Records for the task Block Start
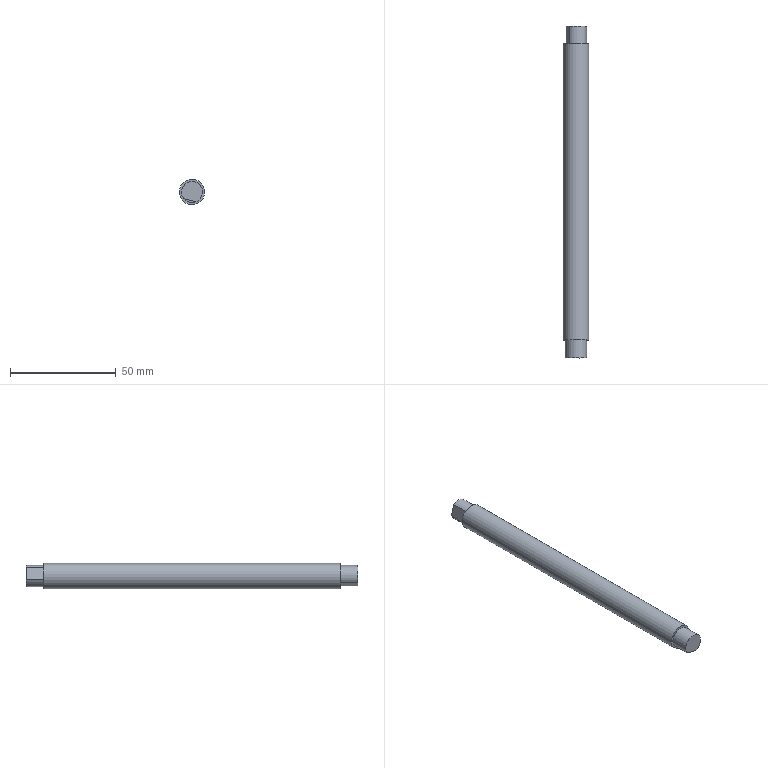Component | NX | LARGE_PULLEY_SHAFT | 1 solid | 13 faces | box 12 x 157 x 12 mm | volume 17079 mm3 | plane 8 | cylinder 5 | commonest cylinder face diameters 10 x4 12 x1
STEP:
#1=CARTESIAN_POINT('',(0.,0.,0.));
#2=DIRECTION('',(0.,0.,1.));
#3=DIRECTION('',(1.,0.,0.));
#4=AXIS2_PLACEMENT_3D('',#1,#2,#3);
#5=CARTESIAN_POINT('',(151.363,-70.,106.36));
#6=VERTEX_POINT('',#5);
#7=CARTESIAN_POINT('',(145.567,-70.,107.913));
#8=VERTEX_POINT('',#7);
#9=CARTESIAN_POINT('',(149.5,-70.,111.));
#10=DIRECTION('',(0.,-1.,0.));
#11=DIRECTION('',(0.2588,0.,0.9659));
#12=AXIS2_PLACEMENT_3D('',#9,#10,#11);
#13=CIRCLE('',#12,5.);
#14=CARTESIAN_POINT('',(149.5,-70.,111.));
#15=DIRECTION('',(0.,-1.,0.));
#16=DIRECTION('',(0.2588,0.,0.9659));
#17=AXIS2_PLACEMENT_3D('',#14,#15,#16);
#18=CYLINDRICAL_SURFACE('',#17,5.);
#19=CARTESIAN_POINT('',(-0.,0.));
#20=DIRECTION('',(1.,0.));
#21=VECTOR('',#20,1.);
#22=LINE('',#19,#21);
#23=(GEOMETRIC_REPRESENTATION_CONTEXT(2)PARAMETRIC_REPRESENTATION_CONTEXT()REPRESENTATION_CONTEXT('',''));
#24=DEFINITIONAL_REPRESENTATION('',(#22),#23);
#25=PCURVE('',#18,#24);
#26=CARTESIAN_POINT('',(149.5,-70.,111.));
#27=DIRECTION('',(0.,-1.,0.));
#28=DIRECTION('',(0.2588,0.,0.9659));
#29=AXIS2_PLACEMENT_3D('',#26,#27,#28);
#30=PLANE('',#29);
#31=CARTESIAN_POINT('',(0.,0.));
#32=DIRECTION('',(1.,0.));
#33=AXIS2_PLACEMENT_2D('',#31,#32);
#34=CIRCLE('',#33,5.);
#35=(GEOMETRIC_REPRESENTATION_CONTEXT(2)PARAMETRIC_REPRESENTATION_CONTEXT()REPRESENTATION_CONTEXT('',''));
#36=DEFINITIONAL_REPRESENTATION('',(#34),#35);
#37=PCURVE('',#30,#36);
#38=SURFACE_CURVE('',#13,(#25,#37),.PCURVE_S1.);
#39=EDGE_CURVE('',#6,#8,#38,.T.);
#40=ORIENTED_EDGE('',*,*,#39,.T.);
#41=CARTESIAN_POINT('',(145.567,-78.5,107.913));
#42=VERTEX_POINT('',#41);
#43=CARTESIAN_POINT('',(145.567,-67.5,107.913));
#44=DIRECTION('',(0.,-1.,0.));
#45=VECTOR('',#44,1.);
#46=LINE('',#43,#45);
#47=CARTESIAN_POINT('',(8.781,-2.5));
#48=DIRECTION('',(0.,1.));
#49=VECTOR('',#48,1.);
#50=LINE('',#47,#49);
#51=(GEOMETRIC_REPRESENTATION_CONTEXT(2)PARAMETRIC_REPRESENTATION_CONTEXT()REPRESENTATION_CONTEXT('',''));
#52=DEFINITIONAL_REPRESENTATION('',(#50),#51);
#53=PCURVE('',#18,#52);
#54=CARTESIAN_POINT('',(145.567,-67.5,107.913));
#55=DIRECTION('',(-0.2588,0.,-0.9659));
#56=DIRECTION('',(-0.9659,0.,0.2588));
#57=AXIS2_PLACEMENT_3D('',#54,#55,#56);
#58=PLANE('',#57);
#59=CARTESIAN_POINT('',(0.,0.));
#60=DIRECTION('',(0.,-1.));
#61=VECTOR('',#60,1.);
#62=LINE('',#59,#61);
#63=(GEOMETRIC_REPRESENTATION_CONTEXT(2)PARAMETRIC_REPRESENTATION_CONTEXT()REPRESENTATION_CONTEXT('',''));
#64=DEFINITIONAL_REPRESENTATION('',(#62),#63);
#65=PCURVE('',#58,#64);
#66=SURFACE_CURVE('',#46,(#53,#65),.PCURVE_S1.);
#67=EDGE_CURVE('',#8,#42,#66,.T.);
#68=ORIENTED_EDGE('',*,*,#67,.T.);
#69=CARTESIAN_POINT('',(151.363,-78.5,106.36));
#70=VERTEX_POINT('',#69);
#71=CARTESIAN_POINT('',(149.5,-78.5,111.));
#72=DIRECTION('',(0.,-1.,0.));
#73=DIRECTION('',(0.2588,0.,0.9659));
#74=AXIS2_PLACEMENT_3D('',#71,#72,#73);
#75=CIRCLE('',#74,5.);
#76=CARTESIAN_POINT('',(-0.,8.5));
#77=DIRECTION('',(1.,0.));
#78=VECTOR('',#77,1.);
#79=LINE('',#76,#78);
#80=(GEOMETRIC_REPRESENTATION_CONTEXT(2)PARAMETRIC_REPRESENTATION_CONTEXT()REPRESENTATION_CONTEXT('',''));
#81=DEFINITIONAL_REPRESENTATION('',(#79),#80);
#82=PCURVE('',#18,#81);
#83=CARTESIAN_POINT('',(149.5,-78.5,111.));
#84=DIRECTION('',(0.,-1.,0.));
#85=DIRECTION('',(0.2588,0.,0.9659));
#86=AXIS2_PLACEMENT_3D('',#83,#84,#85);
#87=PLANE('',#86);
#88=CARTESIAN_POINT('',(0.,0.));
#89=DIRECTION('',(1.,0.));
#90=AXIS2_PLACEMENT_2D('',#88,#89);
#91=CIRCLE('',#90,5.);
#92=(GEOMETRIC_REPRESENTATION_CONTEXT(2)PARAMETRIC_REPRESENTATION_CONTEXT()REPRESENTATION_CONTEXT('',''));
#93=DEFINITIONAL_REPRESENTATION('',(#91),#92);
#94=PCURVE('',#87,#93);
#95=SURFACE_CURVE('',#75,(#82,#94),.PCURVE_S1.);
#96=EDGE_CURVE('',#70,#42,#95,.T.);
#97=ORIENTED_EDGE('',*,*,#96,.F.);
#98=CARTESIAN_POINT('',(151.363,-67.5,106.36));
#99=DIRECTION('',(0.,1.,0.));
#100=VECTOR('',#99,1.);
#101=LINE('',#98,#100);
#102=CARTESIAN_POINT('',(3.785,-2.5));
#103=DIRECTION('',(0.,-1.));
#104=VECTOR('',#103,1.);
#105=LINE('',#102,#104);
#106=(GEOMETRIC_REPRESENTATION_CONTEXT(2)PARAMETRIC_REPRESENTATION_CONTEXT()REPRESENTATION_CONTEXT('',''));
#107=DEFINITIONAL_REPRESENTATION('',(#105),#106);
#108=PCURVE('',#18,#107);
#109=CARTESIAN_POINT('',(-6.,0.));
#110=DIRECTION('',(0.,1.));
#111=VECTOR('',#110,1.);
#112=LINE('',#109,#111);
#113=(GEOMETRIC_REPRESENTATION_CONTEXT(2)PARAMETRIC_REPRESENTATION_CONTEXT()REPRESENTATION_CONTEXT('',''));
#114=DEFINITIONAL_REPRESENTATION('',(#112),#113);
#115=PCURVE('',#58,#114);
#116=SURFACE_CURVE('',#101,(#108,#115),.PCURVE_S1.);
#117=EDGE_CURVE('',#70,#6,#116,.T.);
#118=ORIENTED_EDGE('',*,*,#117,.T.);
#119=EDGE_LOOP('',(#40,#68,#97,#118));
#120=FACE_BOUND('',#119,.T.);
#121=ADVANCED_FACE('',(#120),#18,.T.);
#122=CARTESIAN_POINT('',(144.86,70.,109.137));
#123=VERTEX_POINT('',#122);
#124=CARTESIAN_POINT('',(146.413,70.,114.933));
#125=VERTEX_POINT('',#124);
#126=CARTESIAN_POINT('',(149.5,70.,111.));
#127=DIRECTION('',(0.,1.,0.));
#128=DIRECTION('',(-0.2588,0.,-0.9659));
#129=AXIS2_PLACEMENT_3D('',#126,#127,#128);
#130=CIRCLE('',#129,5.);
#131=CARTESIAN_POINT('',(149.5,70.,111.));
#132=DIRECTION('',(0.,1.,0.));
#133=DIRECTION('',(-0.2588,0.,-0.9659));
#134=AXIS2_PLACEMENT_3D('',#131,#132,#133);
#135=PLANE('',#134);
#136=CARTESIAN_POINT('',(0.,0.));
#137=DIRECTION('',(1.,-0.));
#138=AXIS2_PLACEMENT_2D('',#136,#137);
#139=CIRCLE('',#138,5.);
#140=(GEOMETRIC_REPRESENTATION_CONTEXT(2)PARAMETRIC_REPRESENTATION_CONTEXT()REPRESENTATION_CONTEXT('',''));
#141=DEFINITIONAL_REPRESENTATION('',(#139),#140);
#142=PCURVE('',#135,#141);
#143=CARTESIAN_POINT('',(149.5,67.5,111.));
#144=DIRECTION('',(0.,1.,0.));
#145=DIRECTION('',(-0.2588,0.,-0.9659));
#146=AXIS2_PLACEMENT_3D('',#143,#144,#145);
#147=CYLINDRICAL_SURFACE('',#146,5.);
#148=CARTESIAN_POINT('',(0.,2.5));
#149=DIRECTION('',(1.,0.));
#150=VECTOR('',#149,1.);
#151=LINE('',#148,#150);
#152=(GEOMETRIC_REPRESENTATION_CONTEXT(2)PARAMETRIC_REPRESENTATION_CONTEXT()REPRESENTATION_CONTEXT('',''));
#153=DEFINITIONAL_REPRESENTATION('',(#151),#152);
#154=PCURVE('',#147,#153);
#155=SURFACE_CURVE('',#130,(#142,#154),.PCURVE_S1.);
#156=EDGE_CURVE('',#123,#125,#155,.T.);
#157=ORIENTED_EDGE('',*,*,#156,.F.);
#158=CARTESIAN_POINT('',(149.5,70.,111.));
#159=DIRECTION('',(0.,1.,0.));
#160=DIRECTION('',(-0.2588,0.,-0.9659));
#161=AXIS2_PLACEMENT_3D('',#158,#159,#160);
#162=CIRCLE('',#161,5.);
#163=CARTESIAN_POINT('',(0.,0.));
#164=DIRECTION('',(1.,-0.));
#165=AXIS2_PLACEMENT_2D('',#163,#164);
#166=CIRCLE('',#165,5.);
#167=(GEOMETRIC_REPRESENTATION_CONTEXT(2)PARAMETRIC_REPRESENTATION_CONTEXT()REPRESENTATION_CONTEXT('',''));
#168=DEFINITIONAL_REPRESENTATION('',(#166),#167);
#169=PCURVE('',#135,#168);
#170=CARTESIAN_POINT('',(149.5,70.,111.));
#171=DIRECTION('',(0.,1.,0.));
#172=DIRECTION('',(-0.2588,0.,-0.9659));
#173=AXIS2_PLACEMENT_3D('',#170,#171,#172);
#174=CYLINDRICAL_SURFACE('',#173,5.);
#175=CARTESIAN_POINT('',(-0.,0.));
#176=DIRECTION('',(1.,0.));
#177=VECTOR('',#176,1.);
#178=LINE('',#175,#177);
#179=(GEOMETRIC_REPRESENTATION_CONTEXT(2)PARAMETRIC_REPRESENTATION_CONTEXT()REPRESENTATION_CONTEXT('',''));
#180=DEFINITIONAL_REPRESENTATION('',(#178),#179);
#181=PCURVE('',#174,#180);
#182=SURFACE_CURVE('',#162,(#169,#181),.PCURVE_S1.);
#183=EDGE_CURVE('',#125,#123,#182,.T.);
#184=ORIENTED_EDGE('',*,*,#183,.F.);
#185=EDGE_LOOP('',(#157,#184));
#186=FACE_BOUND('',#185,.T.);
#187=CARTESIAN_POINT('',(147.947,70.,105.204));
#188=VERTEX_POINT('',#187);
#189=CARTESIAN_POINT('',(149.5,70.,111.));
#190=DIRECTION('',(0.,-1.,0.));
#191=DIRECTION('',(-0.2588,0.,-0.9659));
#192=AXIS2_PLACEMENT_3D('',#189,#190,#191);
#193=CIRCLE('',#192,6.);
#194=CARTESIAN_POINT('',(6.,0.));
#195=CARTESIAN_POINT('',(6.,-10.392));
#196=CARTESIAN_POINT('',(-3.,-5.196));
#197=CARTESIAN_POINT('',(-12.,-0.));
#198=CARTESIAN_POINT('',(-3.,5.196));
#199=CARTESIAN_POINT('',(6.,10.392));
#200=CARTESIAN_POINT('',(6.,0.));
#201=(BOUNDED_CURVE()B_SPLINE_CURVE(2,(#194,#195,#196,#197,#198,#199,#200),.UNSPECIFIED.,.T.,.F.)B_SPLINE_CURVE_WITH_KNOTS((1,2,2,2,2,1),(-2.094,0.,2.094,4.189,6.283,8.378),.UNSPECIFIED.)CURVE()GEOMETRIC_REPRESENTATION_ITEM()RATIONAL_B_SPLINE_CURVE((1.,0.5,1.,0.5,1.,0.5,1.))REPRESENTATION_ITEM(''));
#202=(GEOMETRIC_REPRESENTATION_CONTEXT(2)PARAMETRIC_REPRESENTATION_CONTEXT()REPRESENTATION_CONTEXT('',''));
#203=DEFINITIONAL_REPRESENTATION('',(#201),#202);
#204=PCURVE('',#135,#203);
#205=CARTESIAN_POINT('',(149.5,-70.,111.));
#206=DIRECTION('',(0.,1.,0.));
#207=DIRECTION('',(-0.2588,0.,-0.9659));
#208=AXIS2_PLACEMENT_3D('',#205,#206,#207);
#209=CYLINDRICAL_SURFACE('',#208,6.);
#210=CARTESIAN_POINT('',(6.283,140.));
#211=DIRECTION('',(-1.,0.));
#212=VECTOR('',#211,1.);
#213=LINE('',#210,#212);
#214=(GEOMETRIC_REPRESENTATION_CONTEXT(2)PARAMETRIC_REPRESENTATION_CONTEXT()REPRESENTATION_CONTEXT('',''));
#215=DEFINITIONAL_REPRESENTATION('',(#213),#214);
#216=PCURVE('',#209,#215);
#217=SURFACE_CURVE('',#193,(#204,#216),.PCURVE_S1.);
#218=EDGE_CURVE('',#188,#188,#217,.T.);
#219=ORIENTED_EDGE('',*,*,#218,.F.);
#220=EDGE_LOOP('',(#219));
#221=FACE_BOUND('',#220,.T.);
#222=ADVANCED_FACE('',(#186,#221),#135,.T.);
#223=CARTESIAN_POINT('',(149.5,-70.,111.));
#224=DIRECTION('',(0.,-1.,0.));
#225=DIRECTION('',(0.2588,0.,0.9659));
#226=AXIS2_PLACEMENT_3D('',#223,#224,#225);
#227=CIRCLE('',#226,5.);
#228=CARTESIAN_POINT('',(0.,0.));
#229=DIRECTION('',(1.,0.));
#230=AXIS2_PLACEMENT_2D('',#228,#229);
#231=CIRCLE('',#230,5.);
#232=(GEOMETRIC_REPRESENTATION_CONTEXT(2)PARAMETRIC_REPRESENTATION_CONTEXT()REPRESENTATION_CONTEXT('',''));
#233=DEFINITIONAL_REPRESENTATION('',(#231),#232);
#234=PCURVE('',#30,#233);
#235=CARTESIAN_POINT('',(149.5,-67.5,111.));
#236=DIRECTION('',(0.,-1.,0.));
#237=DIRECTION('',(0.2588,0.,0.9659));
#238=AXIS2_PLACEMENT_3D('',#235,#236,#237);
#239=CYLINDRICAL_SURFACE('',#238,5.);
#240=CARTESIAN_POINT('',(-0.,2.5));
#241=DIRECTION('',(1.,0.));
#242=VECTOR('',#241,1.);
#243=LINE('',#240,#242);
#244=(GEOMETRIC_REPRESENTATION_CONTEXT(2)PARAMETRIC_REPRESENTATION_CONTEXT()REPRESENTATION_CONTEXT('',''));
#245=DEFINITIONAL_REPRESENTATION('',(#243),#244);
#246=PCURVE('',#239,#245);
#247=SURFACE_CURVE('',#227,(#234,#246),.PCURVE_S1.);
#248=EDGE_CURVE('',#8,#6,#247,.T.);
#249=ORIENTED_EDGE('',*,*,#248,.F.);
#250=ORIENTED_EDGE('',*,*,#39,.F.);
#251=EDGE_LOOP('',(#249,#250));
#252=FACE_BOUND('',#251,.T.);
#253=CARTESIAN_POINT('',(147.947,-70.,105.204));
Records for the task Block End
**What you have to do**
Which lines above contain the word "VECTOR"? Copy each of them.

**Answer section**
#21=VECTOR('',#20,1.);
#45=VECTOR('',#44,1.);
#49=VECTOR('',#48,1.);
#61=VECTOR('',#60,1.);
#78=VECTOR('',#77,1.);
#100=VECTOR('',#99,1.);
#104=VECTOR('',#103,1.);
#111=VECTOR('',#110,1.);
#150=VECTOR('',#149,1.);
#177=VECTOR('',#176,1.);
#212=VECTOR('',#211,1.);
#242=VECTOR('',#241,1.);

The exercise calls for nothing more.